◆ **EXERCISE BRIEF**
Your answer should be the lines below from the one holding "p23 = place(p22, frame((0.6, 0.0, 0.0)))" through the one holding "p26 = place(p24, frame((1.164, 0.0, 0.0)))", copied exactly and with nothing else.

◆ **Data excerpts**

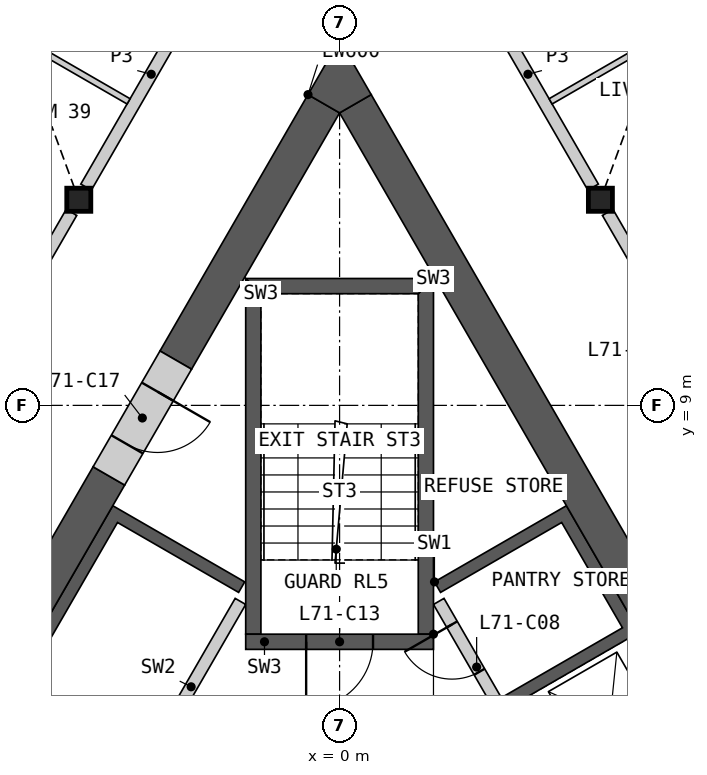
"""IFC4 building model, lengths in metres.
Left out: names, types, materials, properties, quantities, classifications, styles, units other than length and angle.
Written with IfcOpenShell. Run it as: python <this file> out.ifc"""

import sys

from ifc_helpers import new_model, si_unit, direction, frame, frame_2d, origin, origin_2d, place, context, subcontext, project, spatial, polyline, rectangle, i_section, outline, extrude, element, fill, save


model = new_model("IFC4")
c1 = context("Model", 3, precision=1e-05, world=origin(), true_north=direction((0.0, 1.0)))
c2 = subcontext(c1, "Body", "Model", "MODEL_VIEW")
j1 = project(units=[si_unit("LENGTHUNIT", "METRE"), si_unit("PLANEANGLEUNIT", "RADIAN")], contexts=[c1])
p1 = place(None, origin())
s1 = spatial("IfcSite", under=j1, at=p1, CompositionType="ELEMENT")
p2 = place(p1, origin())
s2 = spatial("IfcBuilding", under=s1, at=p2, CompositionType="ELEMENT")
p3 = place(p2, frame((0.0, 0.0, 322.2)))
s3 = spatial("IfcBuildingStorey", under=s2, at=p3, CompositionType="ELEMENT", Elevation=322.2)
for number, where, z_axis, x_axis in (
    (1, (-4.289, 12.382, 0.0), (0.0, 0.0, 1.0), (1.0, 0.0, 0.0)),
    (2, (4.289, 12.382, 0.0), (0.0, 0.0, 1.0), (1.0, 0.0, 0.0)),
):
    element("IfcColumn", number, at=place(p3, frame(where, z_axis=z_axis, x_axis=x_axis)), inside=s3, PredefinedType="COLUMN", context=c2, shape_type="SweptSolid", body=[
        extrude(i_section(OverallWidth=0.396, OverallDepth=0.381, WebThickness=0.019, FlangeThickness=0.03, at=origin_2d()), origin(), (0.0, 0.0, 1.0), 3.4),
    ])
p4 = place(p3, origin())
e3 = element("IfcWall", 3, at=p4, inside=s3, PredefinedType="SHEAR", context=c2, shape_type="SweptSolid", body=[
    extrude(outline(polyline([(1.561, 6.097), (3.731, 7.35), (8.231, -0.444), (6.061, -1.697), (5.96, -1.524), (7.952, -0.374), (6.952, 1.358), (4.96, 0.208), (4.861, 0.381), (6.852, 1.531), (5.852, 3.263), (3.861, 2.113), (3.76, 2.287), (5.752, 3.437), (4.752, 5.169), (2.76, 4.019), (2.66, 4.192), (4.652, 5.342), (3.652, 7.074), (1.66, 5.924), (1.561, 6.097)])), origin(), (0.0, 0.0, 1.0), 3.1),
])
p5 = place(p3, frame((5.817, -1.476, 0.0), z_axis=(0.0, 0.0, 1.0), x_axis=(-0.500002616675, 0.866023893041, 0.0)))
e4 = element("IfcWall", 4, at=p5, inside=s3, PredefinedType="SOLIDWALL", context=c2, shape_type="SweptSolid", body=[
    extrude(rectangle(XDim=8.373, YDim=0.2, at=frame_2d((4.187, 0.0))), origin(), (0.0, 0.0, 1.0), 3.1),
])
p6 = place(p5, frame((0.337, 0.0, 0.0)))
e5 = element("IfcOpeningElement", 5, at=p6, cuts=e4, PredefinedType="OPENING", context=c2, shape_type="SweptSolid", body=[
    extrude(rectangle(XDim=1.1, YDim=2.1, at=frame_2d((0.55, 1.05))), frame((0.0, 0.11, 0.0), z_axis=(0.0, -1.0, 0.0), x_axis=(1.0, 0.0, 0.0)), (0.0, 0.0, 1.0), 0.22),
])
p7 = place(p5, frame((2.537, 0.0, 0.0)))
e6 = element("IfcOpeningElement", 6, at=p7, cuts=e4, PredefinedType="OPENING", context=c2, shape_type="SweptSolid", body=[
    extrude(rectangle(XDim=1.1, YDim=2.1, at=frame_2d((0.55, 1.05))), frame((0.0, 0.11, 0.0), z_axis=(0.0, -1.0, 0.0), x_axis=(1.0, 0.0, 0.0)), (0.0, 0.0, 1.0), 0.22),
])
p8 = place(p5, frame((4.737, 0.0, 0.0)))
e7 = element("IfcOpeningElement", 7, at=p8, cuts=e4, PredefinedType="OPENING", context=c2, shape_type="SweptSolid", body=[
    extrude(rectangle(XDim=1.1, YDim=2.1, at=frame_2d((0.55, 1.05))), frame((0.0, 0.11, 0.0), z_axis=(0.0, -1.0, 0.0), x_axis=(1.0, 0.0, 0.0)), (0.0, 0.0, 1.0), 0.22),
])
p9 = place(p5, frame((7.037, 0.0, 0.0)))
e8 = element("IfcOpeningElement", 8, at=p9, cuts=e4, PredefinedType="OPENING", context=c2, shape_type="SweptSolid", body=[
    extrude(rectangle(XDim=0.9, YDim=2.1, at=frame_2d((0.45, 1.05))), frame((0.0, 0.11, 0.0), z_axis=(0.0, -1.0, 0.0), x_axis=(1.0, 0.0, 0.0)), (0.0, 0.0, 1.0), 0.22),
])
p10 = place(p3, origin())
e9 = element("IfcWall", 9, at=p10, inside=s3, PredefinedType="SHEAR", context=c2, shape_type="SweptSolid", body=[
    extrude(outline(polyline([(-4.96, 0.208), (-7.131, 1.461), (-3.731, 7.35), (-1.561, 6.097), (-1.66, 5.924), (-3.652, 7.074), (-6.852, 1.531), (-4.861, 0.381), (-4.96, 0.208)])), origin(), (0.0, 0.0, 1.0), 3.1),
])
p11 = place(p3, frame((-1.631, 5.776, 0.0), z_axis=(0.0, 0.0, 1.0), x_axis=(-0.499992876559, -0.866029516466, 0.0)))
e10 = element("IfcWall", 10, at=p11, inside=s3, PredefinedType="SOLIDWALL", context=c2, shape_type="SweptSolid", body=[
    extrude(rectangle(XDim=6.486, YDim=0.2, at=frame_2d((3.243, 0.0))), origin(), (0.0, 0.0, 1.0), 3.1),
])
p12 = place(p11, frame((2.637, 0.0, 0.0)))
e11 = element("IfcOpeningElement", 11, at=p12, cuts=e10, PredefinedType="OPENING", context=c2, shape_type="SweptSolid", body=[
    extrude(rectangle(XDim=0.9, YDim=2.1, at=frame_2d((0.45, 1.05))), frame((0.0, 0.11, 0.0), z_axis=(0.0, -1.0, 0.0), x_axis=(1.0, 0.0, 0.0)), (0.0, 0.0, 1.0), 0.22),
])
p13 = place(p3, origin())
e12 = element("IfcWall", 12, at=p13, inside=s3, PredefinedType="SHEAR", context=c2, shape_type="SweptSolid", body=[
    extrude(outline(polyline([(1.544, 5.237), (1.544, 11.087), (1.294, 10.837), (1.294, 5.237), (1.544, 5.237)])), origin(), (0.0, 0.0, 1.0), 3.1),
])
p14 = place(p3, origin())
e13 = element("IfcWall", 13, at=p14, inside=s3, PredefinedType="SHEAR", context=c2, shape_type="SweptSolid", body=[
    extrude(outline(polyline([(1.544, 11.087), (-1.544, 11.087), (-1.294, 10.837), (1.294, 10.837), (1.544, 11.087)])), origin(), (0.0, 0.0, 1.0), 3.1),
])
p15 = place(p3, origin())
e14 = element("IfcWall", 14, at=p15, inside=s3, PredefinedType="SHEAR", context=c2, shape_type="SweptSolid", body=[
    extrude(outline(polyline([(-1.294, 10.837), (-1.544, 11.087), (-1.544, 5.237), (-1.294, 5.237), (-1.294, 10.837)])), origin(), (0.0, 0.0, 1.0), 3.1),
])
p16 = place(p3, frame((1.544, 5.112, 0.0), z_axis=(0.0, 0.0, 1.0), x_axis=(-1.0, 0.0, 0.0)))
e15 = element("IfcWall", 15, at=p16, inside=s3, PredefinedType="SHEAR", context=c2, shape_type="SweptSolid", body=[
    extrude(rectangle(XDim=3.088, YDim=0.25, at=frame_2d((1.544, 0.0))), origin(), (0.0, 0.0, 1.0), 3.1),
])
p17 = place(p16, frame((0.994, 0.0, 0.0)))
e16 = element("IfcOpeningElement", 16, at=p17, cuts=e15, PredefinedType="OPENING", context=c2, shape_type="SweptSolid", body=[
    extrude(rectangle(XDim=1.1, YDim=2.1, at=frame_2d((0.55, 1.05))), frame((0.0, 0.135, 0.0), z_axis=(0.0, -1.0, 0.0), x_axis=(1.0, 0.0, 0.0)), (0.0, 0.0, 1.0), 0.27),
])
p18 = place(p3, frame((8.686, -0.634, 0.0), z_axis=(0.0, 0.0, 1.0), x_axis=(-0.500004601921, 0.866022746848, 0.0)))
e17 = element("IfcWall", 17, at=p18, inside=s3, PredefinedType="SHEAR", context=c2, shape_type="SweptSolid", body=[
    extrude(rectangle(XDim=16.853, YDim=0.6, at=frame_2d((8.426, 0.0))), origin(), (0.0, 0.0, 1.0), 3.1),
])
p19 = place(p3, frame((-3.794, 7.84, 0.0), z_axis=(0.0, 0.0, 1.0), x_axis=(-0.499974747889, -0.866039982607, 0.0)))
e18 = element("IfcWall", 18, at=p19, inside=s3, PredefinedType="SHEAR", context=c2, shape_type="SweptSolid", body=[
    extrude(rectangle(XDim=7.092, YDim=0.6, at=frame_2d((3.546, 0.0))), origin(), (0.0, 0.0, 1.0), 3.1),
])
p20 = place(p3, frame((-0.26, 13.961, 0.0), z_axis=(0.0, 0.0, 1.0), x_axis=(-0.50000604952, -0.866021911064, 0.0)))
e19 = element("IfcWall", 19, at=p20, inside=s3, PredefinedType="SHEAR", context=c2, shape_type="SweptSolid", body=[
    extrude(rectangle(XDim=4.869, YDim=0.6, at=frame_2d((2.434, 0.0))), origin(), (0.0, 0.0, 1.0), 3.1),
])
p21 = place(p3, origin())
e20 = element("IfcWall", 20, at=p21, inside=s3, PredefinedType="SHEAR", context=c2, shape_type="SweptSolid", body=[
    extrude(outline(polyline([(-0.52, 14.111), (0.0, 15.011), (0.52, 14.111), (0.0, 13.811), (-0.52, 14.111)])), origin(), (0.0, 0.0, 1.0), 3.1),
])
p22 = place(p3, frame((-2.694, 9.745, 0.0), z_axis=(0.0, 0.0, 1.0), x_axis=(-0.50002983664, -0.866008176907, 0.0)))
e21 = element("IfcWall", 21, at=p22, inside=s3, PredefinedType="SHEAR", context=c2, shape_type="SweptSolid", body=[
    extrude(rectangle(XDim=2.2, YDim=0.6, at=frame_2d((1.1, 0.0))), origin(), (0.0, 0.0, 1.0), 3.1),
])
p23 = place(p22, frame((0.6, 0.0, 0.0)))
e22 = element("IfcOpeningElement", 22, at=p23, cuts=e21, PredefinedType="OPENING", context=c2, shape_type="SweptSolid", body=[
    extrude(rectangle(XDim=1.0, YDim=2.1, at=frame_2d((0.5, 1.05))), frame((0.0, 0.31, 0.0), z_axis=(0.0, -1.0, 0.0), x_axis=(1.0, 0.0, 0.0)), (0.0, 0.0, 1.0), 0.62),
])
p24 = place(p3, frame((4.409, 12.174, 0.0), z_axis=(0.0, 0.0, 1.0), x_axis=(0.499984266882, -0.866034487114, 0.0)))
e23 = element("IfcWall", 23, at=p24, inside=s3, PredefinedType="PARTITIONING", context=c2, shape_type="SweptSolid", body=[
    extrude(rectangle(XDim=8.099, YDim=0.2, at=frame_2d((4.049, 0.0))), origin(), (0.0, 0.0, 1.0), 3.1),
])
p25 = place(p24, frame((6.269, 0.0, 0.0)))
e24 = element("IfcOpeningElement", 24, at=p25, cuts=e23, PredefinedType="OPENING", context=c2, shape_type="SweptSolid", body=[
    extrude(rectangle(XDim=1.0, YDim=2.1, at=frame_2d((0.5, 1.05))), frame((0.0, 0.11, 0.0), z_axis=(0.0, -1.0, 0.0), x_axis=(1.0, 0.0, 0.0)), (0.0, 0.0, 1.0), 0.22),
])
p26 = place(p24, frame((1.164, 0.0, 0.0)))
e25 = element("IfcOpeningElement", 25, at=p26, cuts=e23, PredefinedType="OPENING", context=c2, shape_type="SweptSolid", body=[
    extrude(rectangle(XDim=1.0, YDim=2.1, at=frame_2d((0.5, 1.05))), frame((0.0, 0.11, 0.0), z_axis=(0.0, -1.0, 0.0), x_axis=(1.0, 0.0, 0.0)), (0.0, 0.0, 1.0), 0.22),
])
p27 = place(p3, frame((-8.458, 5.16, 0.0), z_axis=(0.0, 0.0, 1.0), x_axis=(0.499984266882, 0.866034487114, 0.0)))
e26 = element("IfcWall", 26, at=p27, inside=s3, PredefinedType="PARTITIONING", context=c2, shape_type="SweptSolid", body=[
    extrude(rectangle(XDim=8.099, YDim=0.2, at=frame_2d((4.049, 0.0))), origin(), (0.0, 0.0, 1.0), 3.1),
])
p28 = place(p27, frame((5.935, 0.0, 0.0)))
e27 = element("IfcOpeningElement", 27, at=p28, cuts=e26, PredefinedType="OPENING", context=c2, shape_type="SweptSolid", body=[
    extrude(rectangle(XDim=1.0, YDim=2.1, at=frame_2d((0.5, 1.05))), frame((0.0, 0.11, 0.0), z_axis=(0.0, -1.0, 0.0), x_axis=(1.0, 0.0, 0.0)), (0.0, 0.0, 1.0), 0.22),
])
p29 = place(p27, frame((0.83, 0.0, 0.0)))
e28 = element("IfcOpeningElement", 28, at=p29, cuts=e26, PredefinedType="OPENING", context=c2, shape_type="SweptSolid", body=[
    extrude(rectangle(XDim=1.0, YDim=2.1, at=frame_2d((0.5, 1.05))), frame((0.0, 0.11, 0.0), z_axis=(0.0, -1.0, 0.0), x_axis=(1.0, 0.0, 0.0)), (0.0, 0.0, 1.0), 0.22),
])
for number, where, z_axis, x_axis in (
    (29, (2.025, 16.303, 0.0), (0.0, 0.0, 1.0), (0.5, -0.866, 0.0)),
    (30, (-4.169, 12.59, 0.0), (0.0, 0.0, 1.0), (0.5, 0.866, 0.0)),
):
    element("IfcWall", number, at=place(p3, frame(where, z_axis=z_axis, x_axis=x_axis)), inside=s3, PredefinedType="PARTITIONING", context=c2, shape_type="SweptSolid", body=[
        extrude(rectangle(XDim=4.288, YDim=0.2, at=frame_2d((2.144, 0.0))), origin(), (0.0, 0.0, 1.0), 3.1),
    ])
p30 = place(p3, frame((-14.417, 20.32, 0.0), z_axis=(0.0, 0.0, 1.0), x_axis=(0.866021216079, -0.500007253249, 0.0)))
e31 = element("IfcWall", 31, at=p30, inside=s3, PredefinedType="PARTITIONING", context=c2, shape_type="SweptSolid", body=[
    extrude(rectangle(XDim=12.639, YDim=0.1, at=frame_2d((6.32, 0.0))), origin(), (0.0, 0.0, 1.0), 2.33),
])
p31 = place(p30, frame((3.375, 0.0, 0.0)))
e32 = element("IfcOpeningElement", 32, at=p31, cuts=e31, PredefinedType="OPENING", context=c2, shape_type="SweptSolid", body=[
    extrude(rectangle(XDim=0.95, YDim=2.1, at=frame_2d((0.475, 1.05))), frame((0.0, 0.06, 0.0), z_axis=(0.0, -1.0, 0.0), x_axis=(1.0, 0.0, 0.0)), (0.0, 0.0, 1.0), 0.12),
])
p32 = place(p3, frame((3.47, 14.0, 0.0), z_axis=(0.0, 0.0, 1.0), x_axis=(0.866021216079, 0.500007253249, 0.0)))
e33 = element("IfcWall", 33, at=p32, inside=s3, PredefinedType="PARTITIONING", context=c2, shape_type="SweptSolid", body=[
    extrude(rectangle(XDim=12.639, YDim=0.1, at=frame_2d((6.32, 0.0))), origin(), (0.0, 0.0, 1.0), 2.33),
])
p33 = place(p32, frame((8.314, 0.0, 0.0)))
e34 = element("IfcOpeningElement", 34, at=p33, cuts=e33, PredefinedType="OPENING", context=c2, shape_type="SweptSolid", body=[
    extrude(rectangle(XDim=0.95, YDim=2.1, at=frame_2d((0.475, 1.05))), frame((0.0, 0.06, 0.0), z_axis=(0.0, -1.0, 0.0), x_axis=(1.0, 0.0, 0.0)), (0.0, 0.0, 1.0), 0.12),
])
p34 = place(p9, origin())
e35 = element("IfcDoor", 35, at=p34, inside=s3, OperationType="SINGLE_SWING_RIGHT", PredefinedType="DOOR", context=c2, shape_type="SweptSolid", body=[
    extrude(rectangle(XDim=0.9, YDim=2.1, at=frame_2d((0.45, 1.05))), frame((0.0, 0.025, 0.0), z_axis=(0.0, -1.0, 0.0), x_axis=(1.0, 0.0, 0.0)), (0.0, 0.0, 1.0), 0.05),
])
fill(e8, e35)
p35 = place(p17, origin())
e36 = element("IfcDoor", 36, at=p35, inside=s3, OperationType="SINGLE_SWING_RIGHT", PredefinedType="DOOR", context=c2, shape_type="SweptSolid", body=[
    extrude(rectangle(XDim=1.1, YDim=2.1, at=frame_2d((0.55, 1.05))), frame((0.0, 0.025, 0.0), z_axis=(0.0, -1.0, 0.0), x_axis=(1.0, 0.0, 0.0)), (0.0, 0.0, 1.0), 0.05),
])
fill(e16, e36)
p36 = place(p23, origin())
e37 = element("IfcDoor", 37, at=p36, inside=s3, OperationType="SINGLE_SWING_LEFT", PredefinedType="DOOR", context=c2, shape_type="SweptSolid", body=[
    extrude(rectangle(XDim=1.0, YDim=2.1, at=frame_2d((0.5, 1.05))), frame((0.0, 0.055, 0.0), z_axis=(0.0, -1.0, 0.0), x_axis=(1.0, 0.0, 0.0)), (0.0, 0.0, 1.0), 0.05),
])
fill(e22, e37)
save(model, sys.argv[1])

◆ **ANSWER TO THIS PROBLEM**
p23 = place(p22, frame((0.6, 0.0, 0.0)))
e22 = element("IfcOpeningElement", 22, at=p23, cuts=e21, PredefinedType="OPENING", context=c2, shape_type="SweptSolid", body=[
    extrude(rectangle(XDim=1.0, YDim=2.1, at=frame_2d((0.5, 1.05))), frame((0.0, 0.31, 0.0), z_axis=(0.0, -1.0, 0.0), x_axis=(1.0, 0.0, 0.0)), (0.0, 0.0, 1.0), 0.62),
])
p24 = place(p3, frame((4.409, 12.174, 0.0), z_axis=(0.0, 0.0, 1.0), x_axis=(0.499984266882, -0.866034487114, 0.0)))
e23 = element("IfcWall", 23, at=p24, inside=s3, PredefinedType="PARTITIONING", context=c2, shape_type="SweptSolid", body=[
    extrude(rectangle(XDim=8.099, YDim=0.2, at=frame_2d((4.049, 0.0))), origin(), (0.0, 0.0, 1.0), 3.1),
])
p25 = place(p24, frame((6.269, 0.0, 0.0)))
e24 = element("IfcOpeningElement", 24, at=p25, cuts=e23, PredefinedType="OPENING", context=c2, shape_type="SweptSolid", body=[
    extrude(rectangle(XDim=1.0, YDim=2.1, at=frame_2d((0.5, 1.05))), frame((0.0, 0.11, 0.0), z_axis=(0.0, -1.0, 0.0), x_axis=(1.0, 0.0, 0.0)), (0.0, 0.0, 1.0), 0.22),
])
p26 = place(p24, frame((1.164, 0.0, 0.0)))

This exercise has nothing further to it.